Using the listing below, return every line that includes "Mode".

++++++++++

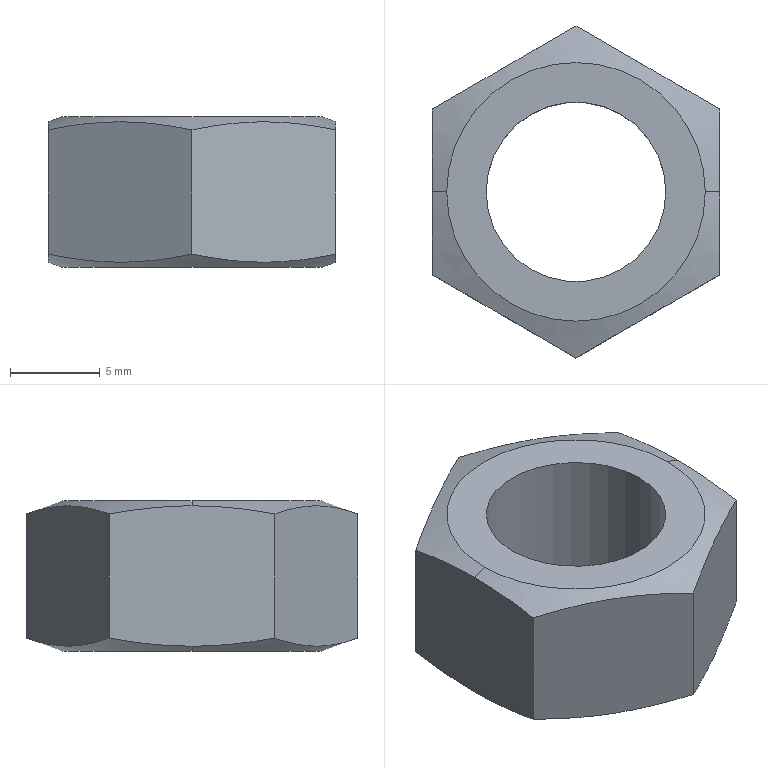Component | SolidWorks | HexNutM10-11 | 1 solid | 14 faces | box 16 x 18.48 x 8.4 mm | volume 1174 mm3 | plane 8 | cone 4 | cylinder 2 | commonest cylinder face diameters 10 x2
build123d program:
from build123d import *

# Parameters (mm, degrees)
BOSS_EXTRUDE1_DEPTH = 8.4
SKETCH5_R           = 5
CUT_EXTRUDE1_DEPTH  = 15.829


with BuildPart() as part:
    # Sketch1 → Boss-Extrude1 (new body)
    with BuildSketch(Plane.XY):
        Polygon((0, 9.238), (-8, 4.619), (-8, -4.619), (0, -9.238), (8, -4.619), (8, 4.619), align=None)
    extrude(amount=BOSS_EXTRUDE1_DEPTH)

    # Sketch4 → Cut-Revolve1 (revolve, cut)
    with BuildSketch(Plane(origin=(0, 0, 0), x_dir=(0, 0, -1), z_dir=(1, 0, 0)), mode=Mode.PRIVATE) as cut_revolve1_sk:
        Polygon((-8.4, -7.2), (-7.658, -9.238), (-8.4, -9.238), align=None)
    cut_revolve1 = revolve(cut_revolve1_sk.sketch.rotate(Axis((0, 0, 8.4), (0, 0, -1)), 120), axis=Axis((0, 0, 8.4), (0, 0, -1)), mode=Mode.SUBTRACT)

    # Mirror1: Cut-Revolve1 across plane
    add(cut_revolve1.mirror(Plane.XY.offset(4.2)), mode=Mode.SUBTRACT)

    # Sketch5 → Cut-Extrude1 (cut, through all)
    with BuildSketch(Plane.XY.offset(8.4)):
        Circle(SKETCH5_R)
    extrude(amount=-CUT_EXTRUDE1_DEPTH, mode=Mode.SUBTRACT)


solid = part.part

# Placed as in the assembly
solid = solid.moved(Location((-5489.995, 7146.665, 122.592), (0, 0, 0)))
STEP:
#1=COLOUR_RGB('',0.7922,0.8196,0.9333);
#2=FILL_AREA_STYLE_COLOUR('',#1);
#3=FILL_AREA_STYLE('',(#2));
#4=SURFACE_STYLE_FILL_AREA(#3);
#5=SURFACE_SIDE_STYLE('',(#4));
#6=SURFACE_STYLE_USAGE(.BOTH.,#5);
#7=PRESENTATION_STYLE_ASSIGNMENT((#6));
#8=CARTESIAN_POINT('',(-216.338,281.365,4.826));
#9=VERTEX_POINT('',#8);
#10=CARTESIAN_POINT('',(-215.945,281.365,4.826));
#11=VERTEX_POINT('',#10);
#12=CARTESIAN_POINT('',(-216.142,281.365,4.826));
#13=DIRECTION('',(0.,0.,1.));
#14=DIRECTION('',(1.,0.,0.));
#15=AXIS2_PLACEMENT_3D('',#12,#13,#14);
#16=CIRCLE('',#15,0.1969);
#17=EDGE_CURVE('',#9,#11,#16,.T.);
#18=ORIENTED_EDGE('',*,*,#17,.F.);
#19=CARTESIAN_POINT('',(-216.338,281.365,5.157));
#20=VERTEX_POINT('',#19);
#21=CARTESIAN_POINT('',(-216.338,281.365,4.826));
#22=DIRECTION('',(0.,0.,1.));
#23=VECTOR('',#22,39.37);
#24=LINE('',#21,#23);
#25=EDGE_CURVE('',#9,#20,#24,.T.);
#26=ORIENTED_EDGE('',*,*,#25,.T.);
#27=CARTESIAN_POINT('',(-215.945,281.365,5.157));
#28=VERTEX_POINT('',#27);
#29=CARTESIAN_POINT('',(-216.142,281.365,5.157));
#30=DIRECTION('',(0.,0.,1.));
#31=DIRECTION('',(1.,0.,0.));
#32=AXIS2_PLACEMENT_3D('',#29,#30,#31);
#33=CIRCLE('',#32,0.1969);
#34=EDGE_CURVE('',#20,#28,#33,.T.);
#35=ORIENTED_EDGE('',*,*,#34,.T.);
#36=CARTESIAN_POINT('',(-215.945,281.365,4.826));
#37=DIRECTION('',(0.,0.,1.));
#38=VECTOR('',#37,39.37);
#39=LINE('',#36,#38);
#40=EDGE_CURVE('',#11,#28,#39,.T.);
#41=ORIENTED_EDGE('',*,*,#40,.F.);
#42=EDGE_LOOP('',(#18,#26,#35,#41));
#43=FACE_OUTER_BOUND('',#42,.T.);
#44=CARTESIAN_POINT('',(-216.142,281.365,4.826));
#45=DIRECTION('',(0.,0.,1.));
#46=DIRECTION('',(1.,0.,0.));
#47=AXIS2_PLACEMENT_3D('',#44,#45,#46);
#48=CYLINDRICAL_SURFACE('',#47,0.1969);
#49=ADVANCED_FACE('',(#43),#48,.F.);
#50=CARTESIAN_POINT('',(-216.425,281.365,4.826));
#51=VERTEX_POINT('',#50);
#52=CARTESIAN_POINT('',(-215.858,281.365,4.826));
#53=VERTEX_POINT('',#52);
#54=CARTESIAN_POINT('',(-216.142,281.365,4.826));
#55=DIRECTION('',(0.,0.,1.));
#56=DIRECTION('',(1.,0.,0.));
#57=AXIS2_PLACEMENT_3D('',#54,#55,#56);
#58=CIRCLE('',#57,0.2835);
#59=EDGE_CURVE('',#51,#53,#58,.T.);
#60=ORIENTED_EDGE('',*,*,#59,.T.);
#61=CARTESIAN_POINT('',(-215.827,281.365,4.838));
#62=VERTEX_POINT('',#61);
#63=CARTESIAN_POINT('',(-215.778,281.365,4.856));
#64=DIRECTION('',(0.9397,-0.,0.342));
#65=VECTOR('',#64,39.37);
#66=LINE('',#63,#65);
#67=EDGE_CURVE('',#53,#62,#66,.T.);
#68=ORIENTED_EDGE('',*,*,#67,.T.);
#69=CARTESIAN_POINT('',(-215.827,281.183,4.856));
#70=VERTEX_POINT('',#69);
#71=CARTESIAN_POINT('',(-215.827,281.183,4.856));
#72=CARTESIAN_POINT('',(-215.827,281.213,4.85));
#73=CARTESIAN_POINT('',(-215.827,281.243,4.846));
#74=CARTESIAN_POINT('',(-215.827,281.304,4.84));
#75=CARTESIAN_POINT('',(-215.827,281.334,4.838));
#76=CARTESIAN_POINT('',(-215.827,281.365,4.838));
#77=B_SPLINE_CURVE_WITH_KNOTS('',3,(#71,#72,#73,#74,#75,#76),.UNSPECIFIED.,.F.,.F.,(4,2,4),(0.007828,0.01016,0.01248),.UNSPECIFIED.);
#78=EDGE_CURVE('',#70,#62,#77,.T.);
#79=ORIENTED_EDGE('',*,*,#78,.F.);
#80=CARTESIAN_POINT('',(-216.142,281.001,4.856));
#81=VERTEX_POINT('',#80);
#82=CARTESIAN_POINT('',(-216.142,281.001,4.856));
#83=CARTESIAN_POINT('',(-216.115,281.016,4.85));
#84=CARTESIAN_POINT('',(-216.089,281.031,4.846));
#85=CARTESIAN_POINT('',(-216.037,281.062,4.84));
#86=CARTESIAN_POINT('',(-215.984,281.092,4.836));
#87=CARTESIAN_POINT('',(-215.932,281.122,4.84));
#88=CARTESIAN_POINT('',(-215.879,281.153,4.846));
#89=CARTESIAN_POINT('',(-215.853,281.168,4.85));
#90=CARTESIAN_POINT('',(-215.827,281.183,4.856));
#91=B_SPLINE_CURVE_WITH_KNOTS('',3,(#82,#83,#84,#85,#86,#87,#88,#89,#90),.UNSPECIFIED.,.F.,.F.,(4,2,1,2,4),(0.00000023,0.00231,0.004619,0.006928,0.009238),.UNSPECIFIED.);
#92=EDGE_CURVE('',#81,#70,#91,.T.);
#93=ORIENTED_EDGE('',*,*,#92,.F.);
#94=CARTESIAN_POINT('',(-216.456,281.183,4.856));
#95=VERTEX_POINT('',#94);
#96=CARTESIAN_POINT('',(-216.456,281.183,4.856));
#97=CARTESIAN_POINT('',(-216.43,281.168,4.85));
#98=CARTESIAN_POINT('',(-216.404,281.153,4.846));
#99=CARTESIAN_POINT('',(-216.351,281.122,4.84));
#100=CARTESIAN_POINT('',(-216.299,281.092,4.836));
#101=CARTESIAN_POINT('',(-216.247,281.062,4.84));
#102=CARTESIAN_POINT('',(-216.194,281.031,4.846));
#103=CARTESIAN_POINT('',(-216.168,281.016,4.85));
#104=CARTESIAN_POINT('',(-216.142,281.001,4.856));
#105=B_SPLINE_CURVE_WITH_KNOTS('',3,(#96,#97,#98,#99,#100,#101,#102,#103,#104),.UNSPECIFIED.,.F.,.F.,(4,2,1,2,4),(0.00000023,0.00231,0.004619,0.006928,0.009238),.UNSPECIFIED.);
#106=EDGE_CURVE('',#95,#81,#105,.T.);
#107=ORIENTED_EDGE('',*,*,#106,.F.);
#108=CARTESIAN_POINT('',(-216.456,281.365,4.838));
#109=VERTEX_POINT('',#108);
#110=CARTESIAN_POINT('',(-216.456,281.365,4.838));
#111=CARTESIAN_POINT('',(-216.456,281.334,4.838));
#112=CARTESIAN_POINT('',(-216.456,281.304,4.84));
#113=CARTESIAN_POINT('',(-216.456,281.243,4.846));
#114=CARTESIAN_POINT('',(-216.456,281.213,4.85));
#115=CARTESIAN_POINT('',(-216.456,281.183,4.856));
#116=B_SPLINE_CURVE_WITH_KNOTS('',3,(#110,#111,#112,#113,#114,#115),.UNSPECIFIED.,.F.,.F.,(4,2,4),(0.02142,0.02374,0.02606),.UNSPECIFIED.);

++++++++++

EXERCISE OUTPUT
    with BuildSketch(Plane(origin=(0, 0, 0), x_dir=(0, 0, -1), z_dir=(1, 0, 0)), mode=Mode.PRIVATE) as cut_revolve1_sk:
    cut_revolve1 = revolve(cut_revolve1_sk.sketch.rotate(Axis((0, 0, 8.4), (0, 0, -1)), 120), axis=Axis((0, 0, 8.4), (0, 0, -1)), mode=Mode.SUBTRACT)
    add(cut_revolve1.mirror(Plane.XY.offset(4.2)), mode=Mode.SUBTRACT)
    extrude(amount=-CUT_EXTRUDE1_DEPTH, mode=Mode.SUBTRACT)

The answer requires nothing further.